___ Exercise inputs ___

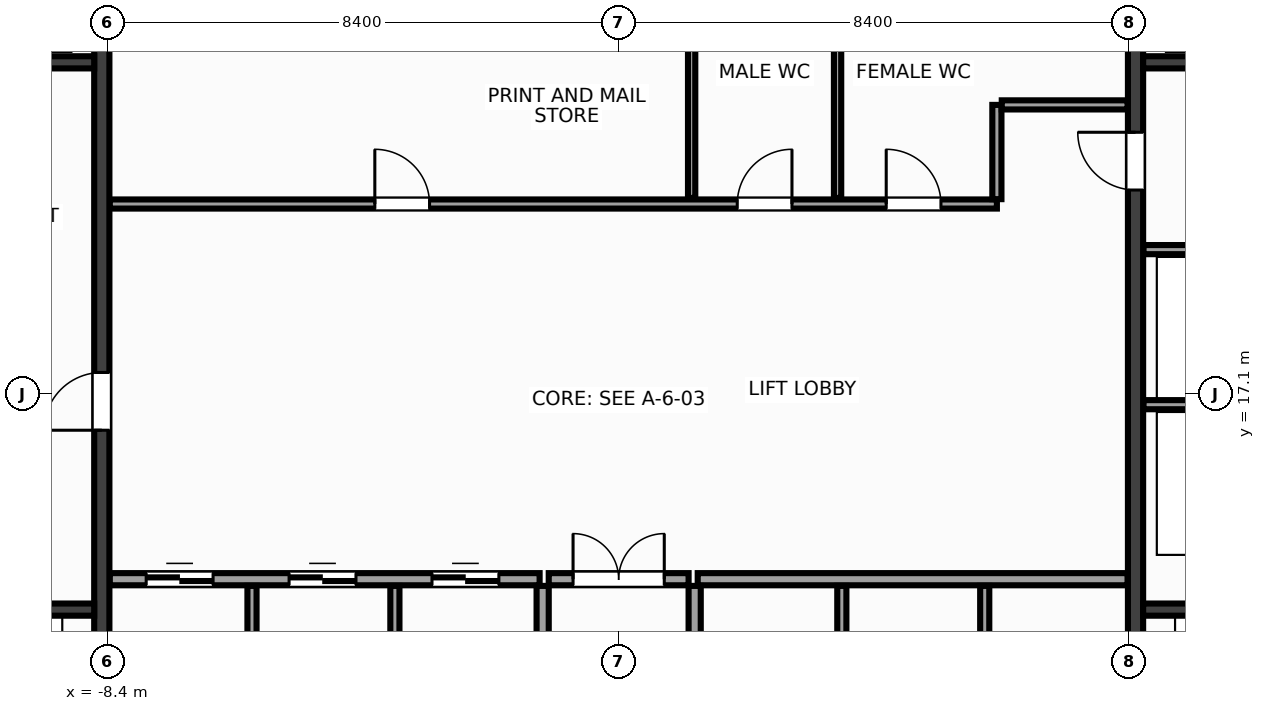
"""IFC4 building model, lengths in metres.
Left out: names, types, materials, properties, quantities, classifications, styles, units other than length and angle.
Written with IfcOpenShell. Run it as: python <this file> out.ifc"""

import sys

from ifc_helpers import new_model, si_unit, direction, frame, frame_2d, origin, place, context, subcontext, project, spatial, rectangle, extrude, source, transform, mapped, element, fill, save


model = new_model("IFC4")
c1 = context("Model", 3, precision=1e-05, world=origin(), true_north=direction((0.0, 1.0)))
c2 = subcontext(c1, "Body", "Model", "MODEL_VIEW")
j1 = project(units=[si_unit("LENGTHUNIT", "METRE"), si_unit("PLANEANGLEUNIT", "RADIAN")], contexts=[c1])
p1 = place(None, origin())
s1 = spatial("IfcSite", under=j1, at=p1, CompositionType="ELEMENT")
p2 = place(p1, origin())
s2 = spatial("IfcBuilding", under=s1, at=p2, CompositionType="ELEMENT")
p3 = place(p2, frame((0.0, 0.0, 45.2)))
s3 = spatial("IfcBuildingStorey", under=s2, at=p3, CompositionType="ELEMENT", Elevation=45.2)
m1 = source(origin(), c2, "Body", "SweptSolid", [
    extrude(rectangle(XDim=12.8, YDim=0.25, at=frame_2d((6.4, 0.0))), origin(), (0.0, 0.0, 1.0), 3.6),
])
p4 = place(p3, frame((-8.5, 10.6, 0.0), z_axis=(0.0, 0.0, 1.0), x_axis=(0.0, 1.0, 0.0)))
e1 = element("IfcWall", 1, at=p4, inside=s3, PredefinedType="SHEAR", context=c2, shape_type="MappedRepresentation", body=[
    mapped(m1, transform((0.0, 0.0, 0.0), x_axis=(1.0, 0.0, 0.0), y_axis=(0.0, 1.0, 0.0), z_axis=(0.0, 0.0, 1.0), scale=1.0)),
])
p5 = place(p4, frame((5.9, 0.0, 0.0)))
e2 = element("IfcOpeningElement", 2, at=p5, cuts=e1, PredefinedType="OPENING", context=c2, shape_type="SweptSolid", body=[
    extrude(rectangle(XDim=0.95, YDim=2.15, at=frame_2d((0.475, 1.075))), frame((0.0, 0.137, 0.0), z_axis=(0.0, -1.0, 0.0), x_axis=(1.0, 0.0, 0.0)), (0.0, 0.0, 1.0), 0.274),
])
p6 = place(p3, frame((8.5, 10.6, 0.0), z_axis=(0.0, 0.0, 1.0), x_axis=(0.0, 1.0, 0.0)))
e3 = element("IfcWall", 3, at=p6, inside=s3, PredefinedType="SHEAR", context=c2, shape_type="MappedRepresentation", body=[
    mapped(m1, transform((0.0, 0.0, 0.0), x_axis=(1.0, 0.0, 0.0), y_axis=(0.0, 1.0, 0.0), z_axis=(0.0, 0.0, 1.0), scale=1.0)),
])
p7 = place(p6, frame((9.85, 0.0, 0.0)))
e4 = element("IfcOpeningElement", 4, at=p7, cuts=e3, PredefinedType="OPENING", context=c2, shape_type="SweptSolid", body=[
    extrude(rectangle(XDim=0.95, YDim=2.15, at=frame_2d((0.475, 1.075))), frame((0.0, 0.137, 0.0), z_axis=(0.0, -1.0, 0.0), x_axis=(1.0, 0.0, 0.0)), (0.0, 0.0, 1.0), 0.274),
])
m2 = source(origin(), c2, "Body", "SweptSolid", [
    extrude(rectangle(XDim=2.825, YDim=0.2, at=frame_2d((1.413, 0.0))), origin(), (0.0, 0.0, 1.0), 3.6),
])
for number, where, z_axis, x_axis in (
    (5, (-11.45, 13.55, 0.0), (0.0, 0.0, 1.0), (1.0, 0.0, 0.0)),
    (6, (8.625, 13.55, 0.0), (0.0, 0.0, 1.0), (1.0, 0.0, 0.0)),
):
    element("IfcWall", number, at=place(p3, frame(where, z_axis=z_axis, x_axis=x_axis)), inside=s3, PredefinedType="SHEAR", context=c2, shape_type="MappedRepresentation", body=[
        mapped(m2, transform((0.0, 0.0, 0.0), x_axis=(1.0, 0.0, 0.0), y_axis=(0.0, 1.0, 0.0), z_axis=(0.0, 0.0, 1.0), scale=1.0)),
    ])
m3 = source(origin(), c2, "Body", "SweptSolid", [
    extrude(rectangle(XDim=3.02, YDim=0.2, at=frame_2d((1.51, 0.0))), origin(), (0.0, 0.0, 1.0), 3.6),
])
for number, where, z_axis, x_axis in (
    (7, (-11.645, 22.55, 0.0), (0.0, 0.0, 1.0), (1.0, 0.0, 0.0)),
    (8, (8.625, 22.55, 0.0), (0.0, 0.0, 1.0), (1.0, 0.0, 0.0)),
):
    element("IfcWall", number, at=place(p3, frame(where, z_axis=z_axis, x_axis=x_axis)), inside=s3, PredefinedType="SHEAR", context=c2, shape_type="MappedRepresentation", body=[
        mapped(m3, transform((0.0, 0.0, 0.0), x_axis=(1.0, 0.0, 0.0), y_axis=(0.0, 1.0, 0.0), z_axis=(0.0, 0.0, 1.0), scale=1.0)),
    ])
m4 = source(origin(), c2, "Body", "SweptSolid", [
    extrude(rectangle(XDim=3.01, YDim=0.15, at=frame_2d((1.505, 0.0))), origin(), (0.0, 0.0, 1.0), 3.36),
])
for number, where, z_axis, x_axis in (
    (9, (8.63, 16.92, 0.0), (0.0, 0.0, 1.0), (1.0, 0.0, 0.0)),
    (10, (8.63, 19.47, 0.0), (0.0, 0.0, 1.0), (1.0, 0.0, 0.0)),
):
    element("IfcWall", number, at=place(p3, frame(where, z_axis=z_axis, x_axis=x_axis)), inside=s3, PredefinedType="PARTITIONING", context=c2, shape_type="MappedRepresentation", body=[
        mapped(m4, transform((0.0, 0.0, 0.0), x_axis=(1.0, 0.0, 0.0), y_axis=(0.0, 1.0, 0.0), z_axis=(0.0, 0.0, 1.0), scale=1.0)),
    ])
m5 = source(origin(), c2, "Body", "SweptSolid", [
    extrude(rectangle(XDim=7.07, YDim=0.2, at=frame_2d((3.535, 0.0))), origin(), (0.0, 0.0, 1.0), 3.36),
])
p8 = place(p3, frame((-8.37, 14.05, 0.0), z_axis=(0.0, 0.0, 1.0), x_axis=(1.0, 0.0, 0.0)))
e11 = element("IfcWall", 11, at=p8, inside=s3, PredefinedType="PARTITIONING", context=c2, shape_type="MappedRepresentation", body=[
    mapped(m5, transform((0.0, 0.0, 0.0), x_axis=(1.0, 0.0, 0.0), y_axis=(0.0, 1.0, 0.0), z_axis=(0.0, 0.0, 1.0), scale=1.0)),
])
p9 = place(p8, frame((0.6, 0.0, 0.0)))
e12 = element("IfcOpeningElement", 12, at=p9, cuts=e11, PredefinedType="OPENING", context=c2, shape_type="SweptSolid", body=[
    extrude(rectangle(XDim=1.1, YDim=2.15, at=frame_2d((0.55, 1.075))), frame((0.0, 0.112, 0.0), z_axis=(0.0, -1.0, 0.0), x_axis=(1.0, 0.0, 0.0)), (0.0, 0.0, 1.0), 0.224),
])
p10 = place(p8, frame((2.95, 0.0, 0.0)))
e13 = element("IfcOpeningElement", 13, at=p10, cuts=e11, PredefinedType="OPENING", context=c2, shape_type="SweptSolid", body=[
    extrude(rectangle(XDim=1.1, YDim=2.15, at=frame_2d((0.55, 1.075))), frame((0.0, 0.112, 0.0), z_axis=(0.0, -1.0, 0.0), x_axis=(1.0, 0.0, 0.0)), (0.0, 0.0, 1.0), 0.224),
])
p11 = place(p8, frame((5.3, 0.0, 0.0)))
e14 = element("IfcOpeningElement", 14, at=p11, cuts=e11, PredefinedType="OPENING", context=c2, shape_type="SweptSolid", body=[
    extrude(rectangle(XDim=1.1, YDim=2.15, at=frame_2d((0.55, 1.075))), frame((0.0, 0.112, 0.0), z_axis=(0.0, -1.0, 0.0), x_axis=(1.0, 0.0, 0.0)), (0.0, 0.0, 1.0), 0.224),
])
p12 = place(p3, frame((1.3, 14.05, 0.0), z_axis=(0.0, 0.0, 1.0), x_axis=(1.0, 0.0, 0.0)))
e15 = element("IfcWall", 15, at=p12, inside=s3, PredefinedType="PARTITIONING", context=c2, shape_type="MappedRepresentation", body=[
    mapped(m5, transform((0.0, 0.0, 0.0), x_axis=(1.0, 0.0, 0.0), y_axis=(0.0, 1.0, 0.0), z_axis=(0.0, 0.0, 1.0), scale=1.0)),
])
m6 = source(origin(), c2, "Body", "SweptSolid", [
    extrude(rectangle(XDim=3.34, YDim=0.2, at=frame_2d((1.67, 0.0))), origin(), (0.0, 0.0, 1.0), 3.36),
])
for number, where, z_axis, x_axis in (
    (16, (-1.25, 10.6, 0.0), (0.0, 0.0, 1.0), (0.0, 1.0, 0.0)),
    (17, (1.25, 10.6, 0.0), (0.0, 0.0, 1.0), (0.0, 1.0, 0.0)),
):
    element("IfcWall", number, at=place(p3, frame(where, z_axis=z_axis, x_axis=x_axis)), inside=s3, PredefinedType="PARTITIONING", context=c2, shape_type="MappedRepresentation", body=[
        mapped(m6, transform((0.0, 0.0, 0.0), x_axis=(1.0, 0.0, 0.0), y_axis=(0.0, 1.0, 0.0), z_axis=(0.0, 0.0, 1.0), scale=1.0)),
    ])
m7 = source(origin(), c2, "Body", "SweptSolid", [
    extrude(rectangle(XDim=2.3, YDim=0.2, at=frame_2d((1.15, 0.0))), origin(), (0.0, 0.0, 1.0), 3.36),
])
p13 = place(p3, frame((-1.15, 14.05, 0.0), z_axis=(0.0, 0.0, 1.0), x_axis=(1.0, 0.0, 0.0)))
e18 = element("IfcWall", 18, at=p13, inside=s3, PredefinedType="PARTITIONING", context=c2, shape_type="MappedRepresentation", body=[
    mapped(m7, transform((0.0, 0.0, 0.0), x_axis=(1.0, 0.0, 0.0), y_axis=(0.0, 1.0, 0.0), z_axis=(0.0, 0.0, 1.0), scale=1.0)),
])
p14 = place(p13, frame((0.4, 0.0, 0.0)))
e19 = element("IfcOpeningElement", 19, at=p14, cuts=e18, PredefinedType="OPENING", context=c2, shape_type="SweptSolid", body=[
    extrude(rectangle(XDim=1.5, YDim=2.2, at=frame_2d((0.75, 1.1))), frame((0.0, 0.112, 0.0), z_axis=(0.0, -1.0, 0.0), x_axis=(1.0, 0.0, 0.0)), (0.0, 0.0, 1.0), 0.224),
])
m8 = source(origin(), c2, "Body", "SweptSolid", [
    extrude(rectangle(XDim=14.59, YDim=0.15, at=frame_2d((7.295, 0.0))), origin(), (0.0, 0.0, 1.0), 3.36),
])
p15 = place(p3, frame((-8.37, 20.22, 0.0), z_axis=(0.0, 0.0, 1.0), x_axis=(1.0, 0.0, 0.0)))
e20 = element("IfcWall", 20, at=p15, inside=s3, PredefinedType="PARTITIONING", context=c2, shape_type="MappedRepresentation", body=[
    mapped(m8, transform((0.0, 0.0, 0.0), x_axis=(1.0, 0.0, 0.0), y_axis=(0.0, 1.0, 0.0), z_axis=(0.0, 0.0, 1.0), scale=1.0)),
])
p16 = place(p15, frame((4.36, 0.0, 0.0)))
e21 = element("IfcOpeningElement", 21, at=p16, cuts=e20, PredefinedType="OPENING", context=c2, shape_type="SweptSolid", body=[
    extrude(rectangle(XDim=0.9, YDim=2.15, at=frame_2d((0.45, 1.075))), frame((0.0, 0.087, 0.0), z_axis=(0.0, -1.0, 0.0), x_axis=(1.0, 0.0, 0.0)), (0.0, 0.0, 1.0), 0.174),
])
p17 = place(p15, frame((10.32, 0.0, 0.0)))
e22 = element("IfcOpeningElement", 22, at=p17, cuts=e20, PredefinedType="OPENING", context=c2, shape_type="SweptSolid", body=[
    extrude(rectangle(XDim=0.9, YDim=2.15, at=frame_2d((0.45, 1.075))), frame((0.0, 0.087, 0.0), z_axis=(0.0, -1.0, 0.0), x_axis=(1.0, 0.0, 0.0)), (0.0, 0.0, 1.0), 0.174),
])
p18 = place(p15, frame((12.77, 0.0, 0.0)))
e23 = element("IfcOpeningElement", 23, at=p18, cuts=e20, PredefinedType="OPENING", context=c2, shape_type="SweptSolid", body=[
    extrude(rectangle(XDim=0.9, YDim=2.15, at=frame_2d((0.45, 1.075))), frame((0.0, 0.087, 0.0), z_axis=(0.0, -1.0, 0.0), x_axis=(1.0, 0.0, 0.0)), (0.0, 0.0, 1.0), 0.174),
])
m9 = source(origin(), c2, "Body", "SweptSolid", [
    extrude(rectangle(XDim=1.55, YDim=0.15, at=frame_2d((0.775, 0.0))), origin(), (0.0, 0.0, 1.0), 3.36),
])
p19 = place(p3, frame((6.22, 20.3, 0.0), z_axis=(0.0, 0.0, 1.0), x_axis=(0.0, 1.0, 0.0)))
e24 = element("IfcWall", 24, at=p19, inside=s3, PredefinedType="PARTITIONING", context=c2, shape_type="MappedRepresentation", body=[
    mapped(m9, transform((0.0, 0.0, 0.0), x_axis=(1.0, 0.0, 0.0), y_axis=(0.0, 1.0, 0.0), z_axis=(0.0, 0.0, 1.0), scale=1.0)),
])
m10 = source(origin(), c2, "Body", "SweptSolid", [
    extrude(rectangle(XDim=2.07, YDim=0.15, at=frame_2d((1.035, 0.0))), origin(), (0.0, 0.0, 1.0), 3.36),
])
p20 = place(p3, frame((6.3, 21.85, 0.0), z_axis=(0.0, 0.0, 1.0), x_axis=(1.0, 0.0, 0.0)))
e25 = element("IfcWall", 25, at=p20, inside=s3, PredefinedType="PARTITIONING", context=c2, shape_type="MappedRepresentation", body=[
    mapped(m10, transform((0.0, 0.0, 0.0), x_axis=(1.0, 0.0, 0.0), y_axis=(0.0, 1.0, 0.0), z_axis=(0.0, 0.0, 1.0), scale=1.0)),
])
m11 = source(origin(), c2, "Body", "SweptSolid", [
    extrude(rectangle(XDim=3.34, YDim=0.15, at=frame_2d((1.67, 0.0))), origin(), (0.0, 0.0, 1.0), 3.36),
])
for number, where, z_axis, x_axis in (
    (26, (-6.03, 10.6, 0.0), (0.0, 0.0, 1.0), (0.0, 1.0, 0.0)),
    (27, (-3.68, 10.6, 0.0), (0.0, 0.0, 1.0), (0.0, 1.0, 0.0)),
    (28, (3.67, 10.6, 0.0), (0.0, 0.0, 1.0), (0.0, 1.0, 0.0)),
    (29, (6.02, 10.6, 0.0), (0.0, 0.0, 1.0), (0.0, 1.0, 0.0)),
):
    element("IfcWall", number, at=place(p3, frame(where, z_axis=z_axis, x_axis=x_axis)), inside=s3, PredefinedType="PARTITIONING", context=c2, shape_type="MappedRepresentation", body=[
        mapped(m11, transform((0.0, 0.0, 0.0), x_axis=(1.0, 0.0, 0.0), y_axis=(0.0, 1.0, 0.0), z_axis=(0.0, 0.0, 1.0), scale=1.0)),
    ])
m12 = source(origin(), c2, "Body", "SweptSolid", [
    extrude(rectangle(XDim=3.04, YDim=0.12, at=frame_2d((1.52, 0.0))), origin(), (0.0, 0.0, 1.0), 3.36),
])
for number, where, z_axis, x_axis in (
    (30, (1.2, 20.32, 0.0), (0.0, 0.0, 1.0), (0.0, 1.0, 0.0)),
    (31, (3.6, 20.32, 0.0), (0.0, 0.0, 1.0), (0.0, 1.0, 0.0)),
):
    element("IfcWall", number, at=place(p3, frame(where, z_axis=z_axis, x_axis=x_axis)), inside=s3, PredefinedType="PARTITIONING", context=c2, shape_type="MappedRepresentation", body=[
        mapped(m12, transform((0.0, 0.0, 0.0), x_axis=(1.0, 0.0, 0.0), y_axis=(0.0, 1.0, 0.0), z_axis=(0.0, 0.0, 1.0), scale=1.0)),
    ])
m13 = source(origin(), c2, "Body", "SweptSolid", [
    extrude(rectangle(XDim=0.95, YDim=2.15, at=frame_2d((0.475, 1.075))), frame((0.0, 0.025, 0.0), z_axis=(0.0, -1.0, 0.0), x_axis=(1.0, 0.0, 0.0)), (0.0, 0.0, 1.0), 0.05),
])
p21 = place(p5, origin())
e32 = element("IfcDoor", 32, at=p21, inside=s3, OperationType="SINGLE_SWING_LEFT", PredefinedType="DOOR", context=c2, shape_type="MappedRepresentation", body=[
    mapped(m13, transform((0.0, 0.0, 0.0), x_axis=(1.0, 0.0, 0.0), y_axis=(0.0, 1.0, 0.0), z_axis=(0.0, 0.0, 1.0), scale=1.0)),
])
fill(e2, e32)
m14 = source(origin(), c2, "Body", "SweptSolid", [
    extrude(rectangle(XDim=0.95, YDim=2.15, at=frame_2d((0.475, 1.075))), frame((0.0, 0.025, 0.0), z_axis=(0.0, -1.0, 0.0), x_axis=(1.0, 0.0, 0.0)), (0.0, 0.0, 1.0), 0.05),
])
p22 = place(p7, origin())
e33 = element("IfcDoor", 33, at=p22, inside=s3, OperationType="SINGLE_SWING_RIGHT", PredefinedType="DOOR", context=c2, shape_type="MappedRepresentation", body=[
    mapped(m14, transform((0.0, 0.0, 0.0), x_axis=(1.0, 0.0, 0.0), y_axis=(0.0, 1.0, 0.0), z_axis=(0.0, 0.0, 1.0), scale=1.0)),
])
fill(e4, e33)
m15 = source(origin(), c2, "Body", "SweptSolid", [
    extrude(rectangle(XDim=1.1, YDim=2.15, at=frame_2d((0.55, 1.075))), frame((0.0, 0.025, 0.0), z_axis=(0.0, -1.0, 0.0), x_axis=(1.0, 0.0, 0.0)), (0.0, 0.0, 1.0), 0.05),
])
p23 = place(p9, origin())
e34 = element("IfcDoor", 34, at=p23, inside=s3, OperationType="DOUBLE_DOOR_SLIDING", PredefinedType="DOOR", context=c2, shape_type="MappedRepresentation", body=[
    mapped(m15, transform((0.0, 0.0, 0.0), x_axis=(1.0, 0.0, 0.0), y_axis=(0.0, 1.0, 0.0), z_axis=(0.0, 0.0, 1.0), scale=1.0)),
])
fill(e12, e34)
p24 = place(p10, origin())
e35 = element("IfcDoor", 35, at=p24, inside=s3, OperationType="DOUBLE_DOOR_SLIDING", PredefinedType="DOOR", context=c2, shape_type="MappedRepresentation", body=[
    mapped(m15, transform((0.0, 0.0, 0.0), x_axis=(1.0, 0.0, 0.0), y_axis=(0.0, 1.0, 0.0), z_axis=(0.0, 0.0, 1.0), scale=1.0)),
])
fill(e13, e35)
p25 = place(p11, origin())
e36 = element("IfcDoor", 36, at=p25, inside=s3, OperationType="DOUBLE_DOOR_SLIDING", PredefinedType="DOOR", context=c2, shape_type="MappedRepresentation", body=[
    mapped(m15, transform((0.0, 0.0, 0.0), x_axis=(1.0, 0.0, 0.0), y_axis=(0.0, 1.0, 0.0), z_axis=(0.0, 0.0, 1.0), scale=1.0)),
])
fill(e14, e36)
m16 = source(origin(), c2, "Body", "SweptSolid", [
    extrude(rectangle(XDim=1.5, YDim=2.2, at=frame_2d((0.75, 1.1))), frame((0.0, 0.025, 0.0), z_axis=(0.0, -1.0, 0.0), x_axis=(1.0, 0.0, 0.0)), (0.0, 0.0, 1.0), 0.05),
])
p26 = place(p14, origin())
e37 = element("IfcDoor", 37, at=p26, inside=s3, OperationType="DOUBLE_DOOR_SINGLE_SWING", PredefinedType="DOOR", context=c2, shape_type="MappedRepresentation", body=[
    mapped(m16, transform((0.0, 0.0, 0.0), x_axis=(1.0, 0.0, 0.0), y_axis=(0.0, 1.0, 0.0), z_axis=(0.0, 0.0, 1.0), scale=1.0)),
])
fill(e19, e37)
m17 = source(origin(), c2, "Body", "SweptSolid", [
    extrude(rectangle(XDim=0.9, YDim=2.15, at=frame_2d((0.45, 1.075))), frame((0.0, 0.025, 0.0), z_axis=(0.0, -1.0, 0.0), x_axis=(1.0, 0.0, 0.0)), (0.0, 0.0, 1.0), 0.05),
])
p27 = place(p16, origin())
e38 = element("IfcDoor", 38, at=p27, inside=s3, OperationType="SINGLE_SWING_LEFT", PredefinedType="DOOR", context=c2, shape_type="MappedRepresentation", body=[
    mapped(m17, transform((0.0, 0.0, 0.0), x_axis=(1.0, 0.0, 0.0), y_axis=(0.0, 1.0, 0.0), z_axis=(0.0, 0.0, 1.0), scale=1.0)),
])
fill(e21, e38)
p28 = place(p17, origin())
e39 = element("IfcDoor", 39, at=p28, inside=s3, OperationType="SINGLE_SWING_RIGHT", PredefinedType="DOOR", context=c2, shape_type="MappedRepresentation", body=[
    mapped(m17, transform((0.0, 0.0, 0.0), x_axis=(1.0, 0.0, 0.0), y_axis=(0.0, 1.0, 0.0), z_axis=(0.0, 0.0, 1.0), scale=1.0)),
])
fill(e22, e39)
p29 = place(p18, origin())
e40 = element("IfcDoor", 40, at=p29, inside=s3, OperationType="SINGLE_SWING_LEFT", PredefinedType="DOOR", context=c2, shape_type="MappedRepresentation", body=[
    mapped(m17, transform((0.0, 0.0, 0.0), x_axis=(1.0, 0.0, 0.0), y_axis=(0.0, 1.0, 0.0), z_axis=(0.0, 0.0, 1.0), scale=1.0)),
])
fill(e23, e40)
save(model, sys.argv[1])

___

Copy the line containing "fill(e14, e36)" exactly. Then copy every line after it through the end of the listing, and nothing more.

fill(e14, e36)
m16 = source(origin(), c2, "Body", "SweptSolid", [
    extrude(rectangle(XDim=1.5, YDim=2.2, at=frame_2d((0.75, 1.1))), frame((0.0, 0.025, 0.0), z_axis=(0.0, -1.0, 0.0), x_axis=(1.0, 0.0, 0.0)), (0.0, 0.0, 1.0), 0.05),
])
p26 = place(p14, origin())
e37 = element("IfcDoor", 37, at=p26, inside=s3, OperationType="DOUBLE_DOOR_SINGLE_SWING", PredefinedType="DOOR", context=c2, shape_type="MappedRepresentation", body=[
    mapped(m16, transform((0.0, 0.0, 0.0), x_axis=(1.0, 0.0, 0.0), y_axis=(0.0, 1.0, 0.0), z_axis=(0.0, 0.0, 1.0), scale=1.0)),
])
fill(e19, e37)
m17 = source(origin(), c2, "Body", "SweptSolid", [
    extrude(rectangle(XDim=0.9, YDim=2.15, at=frame_2d((0.45, 1.075))), frame((0.0, 0.025, 0.0), z_axis=(0.0, -1.0, 0.0), x_axis=(1.0, 0.0, 0.0)), (0.0, 0.0, 1.0), 0.05),
])
p27 = place(p16, origin())
e38 = element("IfcDoor", 38, at=p27, inside=s3, OperationType="SINGLE_SWING_LEFT", PredefinedType="DOOR", context=c2, shape_type="MappedRepresentation", body=[
    mapped(m17, transform((0.0, 0.0, 0.0), x_axis=(1.0, 0.0, 0.0), y_axis=(0.0, 1.0, 0.0), z_axis=(0.0, 0.0, 1.0), scale=1.0)),
])
fill(e21, e38)
p28 = place(p17, origin())
e39 = element("IfcDoor", 39, at=p28, inside=s3, OperationType="SINGLE_SWING_RIGHT", PredefinedType="DOOR", context=c2, shape_type="MappedRepresentation", body=[
    mapped(m17, transform((0.0, 0.0, 0.0), x_axis=(1.0, 0.0, 0.0), y_axis=(0.0, 1.0, 0.0), z_axis=(0.0, 0.0, 1.0), scale=1.0)),
])
fill(e22, e39)
p29 = place(p18, origin())
e40 = element("IfcDoor", 40, at=p29, inside=s3, OperationType="SINGLE_SWING_LEFT", PredefinedType="DOOR", context=c2, shape_type="MappedRepresentation", body=[
    mapped(m17, transform((0.0, 0.0, 0.0), x_axis=(1.0, 0.0, 0.0), y_axis=(0.0, 1.0, 0.0), z_axis=(0.0, 0.0, 1.0), scale=1.0)),
])
fill(e23, e40)
save(model, sys.argv[1])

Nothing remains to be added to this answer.